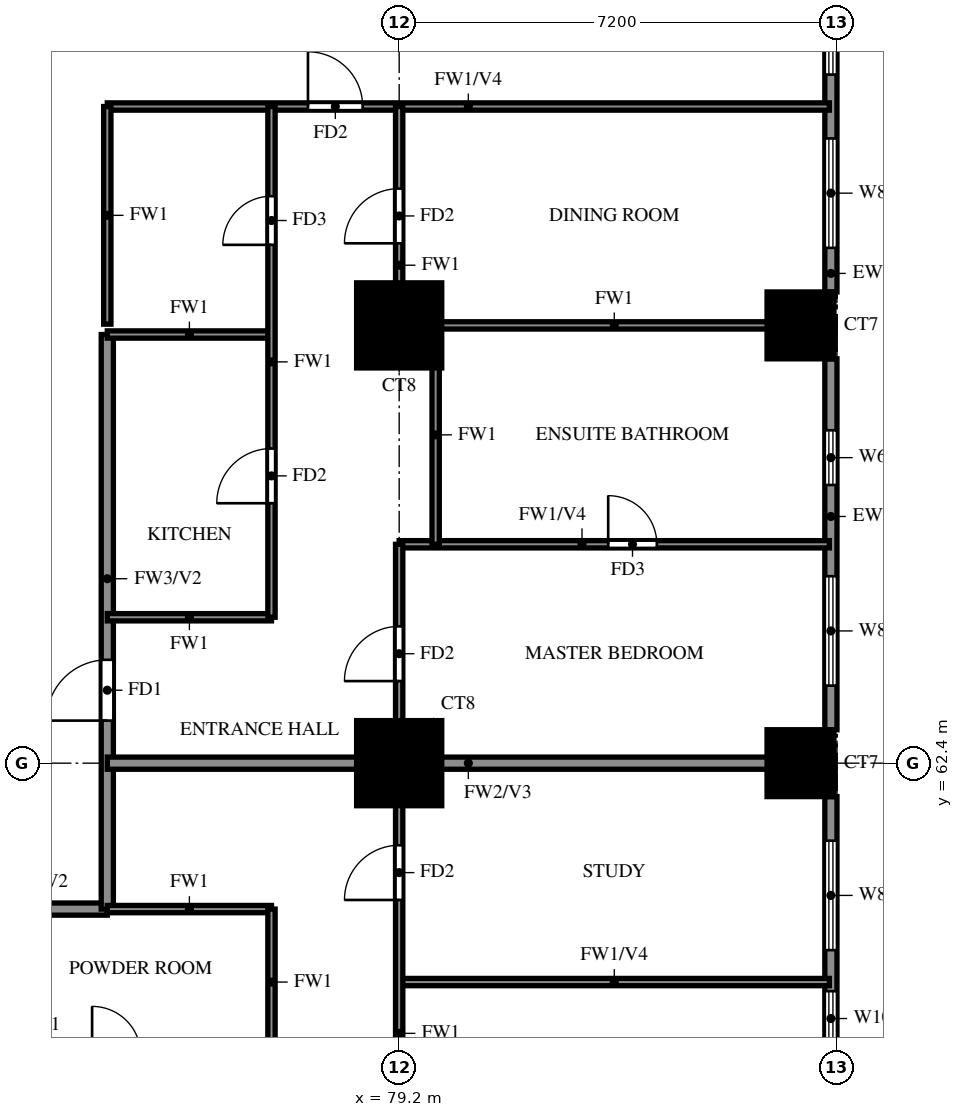
"""IFC4 building model, lengths in metres.
Left out: names, types, materials, properties, quantities, classifications, styles, units other than length and angle.
Written with IfcOpenShell. Run it as: python <this file> out.ifc"""

import sys

from ifc_helpers import new_model, si_unit, direction, frame, frame_2d, origin, origin_2d, place, context, subcontext, project, spatial, rectangle, extrude, source, transform, mapped, element, fill, save


model = new_model("IFC4")
c1 = context("Model", 3, precision=1e-05, world=origin(), true_north=direction((0.0, 1.0)))
c2 = subcontext(c1, "Body", "Model", "MODEL_VIEW")
j1 = project(units=[si_unit("LENGTHUNIT", "METRE"), si_unit("PLANEANGLEUNIT", "RADIAN")], contexts=[c1])
p1 = place(None, origin())
s1 = spatial("IfcSite", under=j1, at=p1, CompositionType="ELEMENT")
p2 = place(p1, origin())
s2 = spatial("IfcBuilding", under=s1, at=p2, CompositionType="ELEMENT")
p3 = place(p2, frame((0.0, 0.0, 44.5)))
s3 = spatial("IfcBuildingStorey", under=s2, at=p3, CompositionType="ELEMENT", Elevation=44.5)
m1 = source(origin(), c2, "Body", "SweptSolid", [
    extrude(rectangle(XDim=1.4, YDim=1.4, at=origin_2d()), origin(), (0.0, 0.0, 1.0), 3.18),
])
p4 = place(p3, frame((79.2, 62.4, 0.0), z_axis=(0.0, 0.0, 1.0), x_axis=(1.0, 0.0, 0.0)))
e1 = element("IfcColumn", 1, at=p4, inside=s3, PredefinedType="COLUMN", context=c2, shape_type="MappedRepresentation", body=[
    mapped(m1, transform((0.0, 0.0, 0.0))),
])
m2 = source(origin(), c2, "Body", "SweptSolid", [
    extrude(rectangle(XDim=1.1, YDim=1.1, at=origin_2d()), origin(), (0.0, 0.0, 1.0), 3.18),
])
p5 = place(p3, frame((85.8, 62.4, 0.0), z_axis=(0.0, 0.0, 1.0), x_axis=(1.0, 0.0, 0.0)))
e2 = element("IfcColumn", 2, at=p5, inside=s3, PredefinedType="COLUMN", context=c2, shape_type="MappedRepresentation", body=[
    mapped(m2, transform((0.0, 0.0, 0.0))),
])
p6 = place(p3, frame((79.2, 69.6, 0.0), z_axis=(0.0, 0.0, 1.0), x_axis=(1.0, 0.0, 0.0)))
e3 = element("IfcColumn", 3, at=p6, inside=s3, PredefinedType="COLUMN", context=c2, shape_type="MappedRepresentation", body=[
    mapped(m1, transform((0.0, 0.0, 0.0))),
])
p7 = place(p3, frame((85.8, 69.6, 0.0), z_axis=(0.0, 0.0, 1.0), x_axis=(1.0, 0.0, 0.0)))
e4 = element("IfcColumn", 4, at=p7, inside=s3, PredefinedType="COLUMN", context=c2, shape_type="MappedRepresentation", body=[
    mapped(m2, transform((0.0, 0.0, 0.0))),
])
p8 = place(p3, frame((86.3, 55.75, 0.0), z_axis=(0.0, 0.0, 1.0), x_axis=(0.0, 1.0, 0.0)))
e5 = element("IfcWall", 5, at=p8, inside=s3, PredefinedType="SOLIDWALL", context=c2, shape_type="SweptSolid", body=[
    extrude(rectangle(XDim=6.1, YDim=0.2, at=frame_2d((3.05, 0.0))), origin(), (0.0, 0.0, 1.0), 3.18),
])
p9 = place(p8, frame((2.0, 0.0, 0.6)))
e6 = element("IfcOpeningElement", 6, at=p9, cuts=e5, PredefinedType="OPENING", context=c2, shape_type="SweptSolid", body=[
    extrude(rectangle(XDim=0.9, YDim=2.4, at=frame_2d((0.45, 1.2))), frame((0.0, 0.11, 0.0), z_axis=(0.0, -1.0, 0.0), x_axis=(1.0, 0.0, 0.0)), (0.0, 0.0, 1.0), 0.22),
])
p10 = place(p8, frame((3.575, 0.0, 0.6)))
e7 = element("IfcOpeningElement", 7, at=p10, cuts=e5, PredefinedType="OPENING", context=c2, shape_type="SweptSolid", body=[
    extrude(rectangle(XDim=1.8, YDim=2.4, at=frame_2d((0.9, 1.2))), frame((0.0, 0.11, 0.0), z_axis=(0.0, -1.0, 0.0), x_axis=(1.0, 0.0, 0.0)), (0.0, 0.0, 1.0), 0.22),
])
p11 = place(p3, frame((86.3, 62.95, 0.0), z_axis=(0.0, 0.0, 1.0), x_axis=(0.0, 1.0, 0.0)))
e8 = element("IfcWall", 8, at=p11, inside=s3, PredefinedType="SOLIDWALL", context=c2, shape_type="SweptSolid", body=[
    extrude(rectangle(XDim=6.1, YDim=0.2, at=frame_2d((3.05, 0.0))), origin(), (0.0, 0.0, 1.0), 3.18),
])
p12 = place(p11, frame((0.725, 0.0, 0.6)))
e9 = element("IfcOpeningElement", 9, at=p12, cuts=e8, PredefinedType="OPENING", context=c2, shape_type="SweptSolid", body=[
    extrude(rectangle(XDim=1.8, YDim=2.4, at=frame_2d((0.9, 1.2))), frame((0.0, 0.11, 0.0), z_axis=(0.0, -1.0, 0.0), x_axis=(1.0, 0.0, 0.0)), (0.0, 0.0, 1.0), 0.22),
])
p13 = place(p11, frame((4.025, 0.0, 1.5)))
e10 = element("IfcOpeningElement", 10, at=p13, cuts=e8, PredefinedType="OPENING", context=c2, shape_type="SweptSolid", body=[
    extrude(rectangle(XDim=0.9, YDim=0.9, at=frame_2d((0.45, 0.45))), frame((0.0, 0.11, 0.0), z_axis=(0.0, -1.0, 0.0), x_axis=(1.0, 0.0, 0.0)), (0.0, 0.0, 1.0), 0.22),
])
p14 = place(p3, frame((86.3, 70.15, 0.0), z_axis=(0.0, 0.0, 1.0), x_axis=(0.0, 1.0, 0.0)))
e11 = element("IfcWall", 11, at=p14, inside=s3, PredefinedType="SOLIDWALL", context=c2, shape_type="SweptSolid", body=[
    extrude(rectangle(XDim=6.1, YDim=0.2, at=frame_2d((3.05, 0.0))), origin(), (0.0, 0.0, 1.0), 3.18),
])
p15 = place(p14, frame((0.725, 0.0, 0.6)))
e12 = element("IfcOpeningElement", 12, at=p15, cuts=e11, PredefinedType="OPENING", context=c2, shape_type="SweptSolid", body=[
    extrude(rectangle(XDim=1.8, YDim=2.4, at=frame_2d((0.9, 1.2))), frame((0.0, 0.11, 0.0), z_axis=(0.0, -1.0, 0.0), x_axis=(1.0, 0.0, 0.0)), (0.0, 0.0, 1.0), 0.22),
])
p16 = place(p14, frame((3.575, 0.0, 0.6)))
e13 = element("IfcOpeningElement", 13, at=p16, cuts=e11, PredefinedType="OPENING", context=c2, shape_type="SweptSolid", body=[
    extrude(rectangle(XDim=1.8, YDim=2.4, at=frame_2d((0.9, 1.2))), frame((0.0, 0.11, 0.0), z_axis=(0.0, -1.0, 0.0), x_axis=(1.0, 0.0, 0.0)), (0.0, 0.0, 1.0), 0.22),
])
p17 = place(p3, frame((72.0, 60.0, 0.0), z_axis=(0.0, 0.0, 1.0), x_axis=(1.0, 0.0, 0.0)))
e14 = element("IfcWall", 14, at=p17, inside=s3, PredefinedType="SOLIDWALL", context=c2, shape_type="SweptSolid", body=[
    extrude(rectangle(XDim=2.4, YDim=0.2, at=frame_2d((1.2, 0.0))), origin(), (0.0, 0.0, 1.0), 3.18),
])
p18 = place(p3, frame((74.4, 60.0, 0.0), z_axis=(0.0, 0.0, 1.0), x_axis=(0.0, 1.0, 0.0)))
e15 = element("IfcWall", 15, at=p18, inside=s3, PredefinedType="SOLIDWALL", context=c2, shape_type="SweptSolid", body=[
    extrude(rectangle(XDim=9.45, YDim=0.2, at=frame_2d((4.725, 0.0))), origin(), (0.0, 0.0, 1.0), 3.18),
])
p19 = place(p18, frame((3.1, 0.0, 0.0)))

= = =

Problem description » Lines with the word "project" in them: report all of these from the listing above.

Result of the exercise »
from ifc_helpers import new_model, si_unit, direction, frame, frame_2d, origin, origin_2d, place, context, subcontext, project, spatial, rectangle, extrude, source, transform, mapped, element, fill, save
j1 = project(units=[si_unit("LENGTHUNIT", "METRE"), si_unit("PLANEANGLEUNIT", "RADIAN")], contexts=[c1])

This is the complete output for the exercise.